What is required: Each line below from the one containing "#113=VECTOR('',#112,1.);" through the one containing "#123=DEFINITIONAL_REPRESENTATION('',(#121),#122);" is to be given again exactly, and no line outside that span.
※ ※ ※
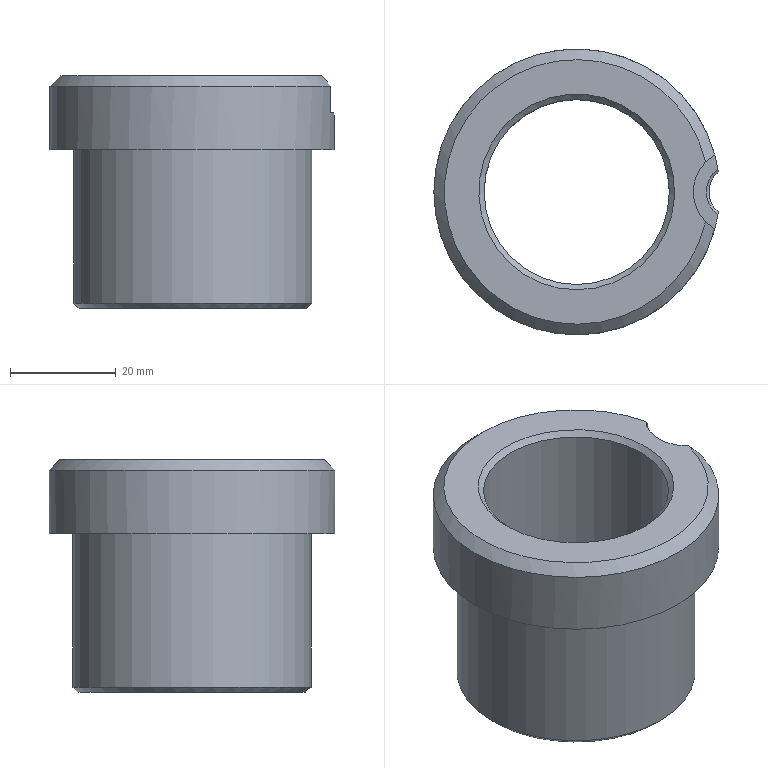Component | NX | DRILL_BUSH | 1 solid | 14 faces | box 53.73 x 54 x 44 mm | volume 36540 mm3 | cylinder 5 | cone 5 | plane 4 | commonest cylinder face diameters 45 x1 54 x1 35 x1 10 x1 16 x1
STEP:
#1=CARTESIAN_POINT('',(0.,0.,0.));
#2=DIRECTION('',(0.,0.,1.));
#3=DIRECTION('',(1.,0.,0.));
#4=AXIS2_PLACEMENT_3D('',#1,#2,#3);
#5=CARTESIAN_POINT('',(-37.,21.5,64.));
#6=VERTEX_POINT('',#5);
#7=CARTESIAN_POINT('',(-37.,-0.,64.));
#8=DIRECTION('',(0.,0.,-1.));
#9=DIRECTION('',(0.,1.,0.));
#10=AXIS2_PLACEMENT_3D('',#7,#8,#9);
#11=CIRCLE('',#10,21.5);
#12=CARTESIAN_POINT('',(-37.,-0.,64.));
#13=DIRECTION('',(0.,0.,-1.));
#14=DIRECTION('',(0.,1.,0.));
#15=AXIS2_PLACEMENT_3D('',#12,#13,#14);
#16=PLANE('',#15);
#17=CARTESIAN_POINT('',(0.,0.));
#18=DIRECTION('',(1.,0.));
#19=AXIS2_PLACEMENT_2D('',#17,#18);
#20=CIRCLE('',#19,21.5);
#21=(GEOMETRIC_REPRESENTATION_CONTEXT(2)PARAMETRIC_REPRESENTATION_CONTEXT()REPRESENTATION_CONTEXT('',''));
#22=DEFINITIONAL_REPRESENTATION('',(#20),#21);
#23=PCURVE('',#16,#22);
#24=CARTESIAN_POINT('',(-37.,-0.,65.));
#25=DIRECTION('',(0.,0.,1.));
#26=DIRECTION('',(0.,-1.,0.));
#27=AXIS2_PLACEMENT_3D('',#24,#25,#26);
#28=CONICAL_SURFACE('',#27,22.5,0.7854);
#29=CARTESIAN_POINT('',(9.425,-1.));
#30=DIRECTION('',(-1.,0.));
#31=VECTOR('',#30,1.);
#32=LINE('',#29,#31);
#33=(GEOMETRIC_REPRESENTATION_CONTEXT(2)PARAMETRIC_REPRESENTATION_CONTEXT()REPRESENTATION_CONTEXT('',''));
#34=DEFINITIONAL_REPRESENTATION('',(#32),#33);
#35=PCURVE('',#28,#34);
#36=SURFACE_CURVE('',#11,(#23,#35),.PCURVE_S1.);
#37=EDGE_CURVE('',#6,#6,#36,.T.);
#38=ORIENTED_EDGE('',*,*,#37,.T.);
#39=EDGE_LOOP('',(#38));
#40=FACE_BOUND('',#39,.T.);
#41=CARTESIAN_POINT('',(-37.,18.5,64.));
#42=VERTEX_POINT('',#41);
#43=CARTESIAN_POINT('',(-37.,-0.,64.));
#44=DIRECTION('',(0.,0.,1.));
#45=DIRECTION('',(0.,1.,0.));
#46=AXIS2_PLACEMENT_3D('',#43,#44,#45);
#47=CIRCLE('',#46,18.5);
#48=CARTESIAN_POINT('',(18.5,0.));
#49=CARTESIAN_POINT('',(18.5,-32.043));
#50=CARTESIAN_POINT('',(-9.25,-16.021));
#51=CARTESIAN_POINT('',(-37.,-0.));
#52=CARTESIAN_POINT('',(-9.25,16.021));
#53=CARTESIAN_POINT('',(18.5,32.043));
#54=CARTESIAN_POINT('',(18.5,0.));
#55=(BOUNDED_CURVE()B_SPLINE_CURVE(2,(#48,#49,#50,#51,#52,#53,#54),.UNSPECIFIED.,.T.,.F.)B_SPLINE_CURVE_WITH_KNOTS((1,2,2,2,2,1),(-2.094,0.,2.094,4.189,6.283,8.378),.UNSPECIFIED.)CURVE()GEOMETRIC_REPRESENTATION_ITEM()RATIONAL_B_SPLINE_CURVE((1.,0.5,1.,0.5,1.,0.5,1.))REPRESENTATION_ITEM(''));
#56=(GEOMETRIC_REPRESENTATION_CONTEXT(2)PARAMETRIC_REPRESENTATION_CONTEXT()REPRESENTATION_CONTEXT('',''));
#57=DEFINITIONAL_REPRESENTATION('',(#55),#56);
#58=PCURVE('',#16,#57);
#59=CARTESIAN_POINT('',(-37.,-0.,65.));
#60=DIRECTION('',(0.,0.,-1.));
#61=DIRECTION('',(0.,1.,0.));
#62=AXIS2_PLACEMENT_3D('',#59,#60,#61);
#63=CONICAL_SURFACE('',#62,17.5,0.7854);
#64=CARTESIAN_POINT('',(6.283,1.));
#65=DIRECTION('',(-1.,0.));
#66=VECTOR('',#65,1.);
#67=LINE('',#64,#66);
#68=(GEOMETRIC_REPRESENTATION_CONTEXT(2)PARAMETRIC_REPRESENTATION_CONTEXT()REPRESENTATION_CONTEXT('',''));
#69=DEFINITIONAL_REPRESENTATION('',(#67),#68);
#70=PCURVE('',#63,#69);
#71=SURFACE_CURVE('',#47,(#58,#70),.PCURVE_S1.);
#72=EDGE_CURVE('',#42,#42,#71,.T.);
#73=ORIENTED_EDGE('',*,*,#72,.T.);
#74=EDGE_LOOP('',(#73));
#75=FACE_BOUND('',#74,.T.);
#76=ADVANCED_FACE('',(#40,#75),#16,.T.);
#77=CARTESIAN_POINT('',(-37.,22.5,65.));
#78=VERTEX_POINT('',#77);
#79=CARTESIAN_POINT('',(-37.,-0.,65.));
#80=DIRECTION('',(0.,0.,1.));
#81=DIRECTION('',(0.,1.,0.));
#82=AXIS2_PLACEMENT_3D('',#79,#80,#81);
#83=CIRCLE('',#82,22.5);
#84=CARTESIAN_POINT('',(-37.,-0.,64.));
#85=DIRECTION('',(0.,0.,1.));
#86=DIRECTION('',(0.,-1.,0.));
#87=AXIS2_PLACEMENT_3D('',#84,#85,#86);
#88=CYLINDRICAL_SURFACE('',#87,22.5);
#89=CARTESIAN_POINT('',(3.142,1.));
#90=DIRECTION('',(1.,0.));
#91=VECTOR('',#90,1.);
#92=LINE('',#89,#91);
#93=(GEOMETRIC_REPRESENTATION_CONTEXT(2)PARAMETRIC_REPRESENTATION_CONTEXT()REPRESENTATION_CONTEXT('',''));
#94=DEFINITIONAL_REPRESENTATION('',(#92),#93);
#95=PCURVE('',#88,#94);
#96=CARTESIAN_POINT('',(3.142,0.));
#97=DIRECTION('',(1.,0.));
#98=VECTOR('',#97,1.);
#99=LINE('',#96,#98);
#100=(GEOMETRIC_REPRESENTATION_CONTEXT(2)PARAMETRIC_REPRESENTATION_CONTEXT()REPRESENTATION_CONTEXT('',''));
#101=DEFINITIONAL_REPRESENTATION('',(#99),#100);
#102=PCURVE('',#28,#101);
#103=SURFACE_CURVE('',#83,(#95,#102),.PCURVE_S1.);
#104=EDGE_CURVE('',#78,#78,#103,.T.);
#105=ORIENTED_EDGE('',*,*,#104,.T.);
#106=CARTESIAN_POINT('',(-37.,22.5,94.));
#107=VERTEX_POINT('',#106);
#108=CARTESIAN_POINT('',(-37.,22.5,65.));
#109=CARTESIAN_POINT('',(-37.,22.5,94.));
#110=B_SPLINE_CURVE_WITH_KNOTS('',1,(#108,#109),.UNSPECIFIED.,.F.,.F.,(2,2),(1.,30.),.PIECEWISE_BEZIER_KNOTS.);
#111=CARTESIAN_POINT('',(9.425,0.));
#112=DIRECTION('',(0.,1.));
#113=VECTOR('',#112,1.);
#114=LINE('',#111,#113);
#115=(GEOMETRIC_REPRESENTATION_CONTEXT(2)PARAMETRIC_REPRESENTATION_CONTEXT()REPRESENTATION_CONTEXT('',''));
#116=DEFINITIONAL_REPRESENTATION('',(#114),#115);
#117=PCURVE('',#88,#116);
#118=CARTESIAN_POINT('',(3.142,0.));
#119=DIRECTION('',(0.,1.));
#120=VECTOR('',#119,1.);
#121=LINE('',#118,#120);
#122=(GEOMETRIC_REPRESENTATION_CONTEXT(2)PARAMETRIC_REPRESENTATION_CONTEXT()REPRESENTATION_CONTEXT('',''));
#123=DEFINITIONAL_REPRESENTATION('',(#121),#122);
#124=PCURVE('',#88,#123);
#125=SEAM_CURVE('',#110,(#117,#124),.PCURVE_S1.);
#126=EDGE_CURVE('',#78,#107,#125,.T.);
#127=ORIENTED_EDGE('',*,*,#126,.T.);
#128=CARTESIAN_POINT('',(-37.,-0.,94.));
#129=DIRECTION('',(0.,0.,1.));
#130=DIRECTION('',(0.,1.,0.));
#131=AXIS2_PLACEMENT_3D('',#128,#129,#130);
#132=CIRCLE('',#131,22.5);
#133=CARTESIAN_POINT('',(3.142,30.));
#134=DIRECTION('',(1.,0.));
#135=VECTOR('',#134,1.);
#136=LINE('',#133,#135);
#137=(GEOMETRIC_REPRESENTATION_CONTEXT(2)PARAMETRIC_REPRESENTATION_CONTEXT()REPRESENTATION_CONTEXT('',''));
#138=DEFINITIONAL_REPRESENTATION('',(#136),#137);
#139=PCURVE('',#88,#138);
#140=CARTESIAN_POINT('',(-37.,-0.,94.));
#141=DIRECTION('',(0.,0.,-1.));
#142=DIRECTION('',(0.,1.,0.));
#143=AXIS2_PLACEMENT_3D('',#140,#141,#142);
#144=PLANE('',#143);
#145=CARTESIAN_POINT('',(22.5,0.));
#146=CARTESIAN_POINT('',(22.5,-38.971));
#147=CARTESIAN_POINT('',(-11.25,-19.486));
#148=CARTESIAN_POINT('',(-45.,-0.));
#149=CARTESIAN_POINT('',(-11.25,19.486));
#150=CARTESIAN_POINT('',(22.5,38.971));
#151=CARTESIAN_POINT('',(22.5,0.));
#152=(BOUNDED_CURVE()B_SPLINE_CURVE(2,(#145,#146,#147,#148,#149,#150,#151),.UNSPECIFIED.,.T.,.F.)B_SPLINE_CURVE_WITH_KNOTS((1,2,2,2,2,1),(-2.094,0.,2.094,4.189,6.283,8.378),.UNSPECIFIED.)CURVE()GEOMETRIC_REPRESENTATION_ITEM()RATIONAL_B_SPLINE_CURVE((1.,0.5,1.,0.5,1.,0.5,1.))REPRESENTATION_ITEM(''));
#153=(GEOMETRIC_REPRESENTATION_CONTEXT(2)PARAMETRIC_REPRESENTATION_CONTEXT()REPRESENTATION_CONTEXT('',''));
#154=DEFINITIONAL_REPRESENTATION('',(#152),#153);
#155=PCURVE('',#144,#154);
#156=SURFACE_CURVE('',#132,(#139,#155),.PCURVE_S1.);
#157=EDGE_CURVE('',#107,#107,#156,.T.);
#158=ORIENTED_EDGE('',*,*,#157,.F.);
#159=ORIENTED_EDGE('',*,*,#126,.F.);
#160=EDGE_LOOP('',(#105,#127,#158,#159));
#161=FACE_BOUND('',#160,.T.);
#162=ADVANCED_FACE('',(#161),#88,.T.);
#163=CARTESIAN_POINT('',(-37.,-18.5,108.));
#164=VERTEX_POINT('',#163);
#165=CARTESIAN_POINT('',(-37.,-0.,108.));
#166=DIRECTION('',(0.,0.,-1.));
#167=DIRECTION('',(0.,-1.,0.));
#168=AXIS2_PLACEMENT_3D('',#165,#166,#167);
#169=CIRCLE('',#168,18.5);
#170=CARTESIAN_POINT('',(-37.,-0.,108.));
#171=DIRECTION('',(0.,0.,1.));
#172=DIRECTION('',(0.,-1.,0.));
#173=AXIS2_PLACEMENT_3D('',#170,#171,#172);
#174=PLANE('',#173);
#175=CARTESIAN_POINT('',(18.5,0.));
#176=CARTESIAN_POINT('',(18.5,-32.043));
#177=CARTESIAN_POINT('',(-9.25,-16.021));
#178=CARTESIAN_POINT('',(-37.,-0.));
#179=CARTESIAN_POINT('',(-9.25,16.021));
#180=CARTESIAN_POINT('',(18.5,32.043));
※ ※ ※
Written response:
#113=VECTOR('',#112,1.);
#114=LINE('',#111,#113);
#115=(GEOMETRIC_REPRESENTATION_CONTEXT(2)PARAMETRIC_REPRESENTATION_CONTEXT()REPRESENTATION_CONTEXT('',''));
#116=DEFINITIONAL_REPRESENTATION('',(#114),#115);
#117=PCURVE('',#88,#116);
#118=CARTESIAN_POINT('',(3.142,0.));
#119=DIRECTION('',(0.,1.));
#120=VECTOR('',#119,1.);
#121=LINE('',#118,#120);
#122=(GEOMETRIC_REPRESENTATION_CONTEXT(2)PARAMETRIC_REPRESENTATION_CONTEXT()REPRESENTATION_CONTEXT('',''));
#123=DEFINITIONAL_REPRESENTATION('',(#121),#122);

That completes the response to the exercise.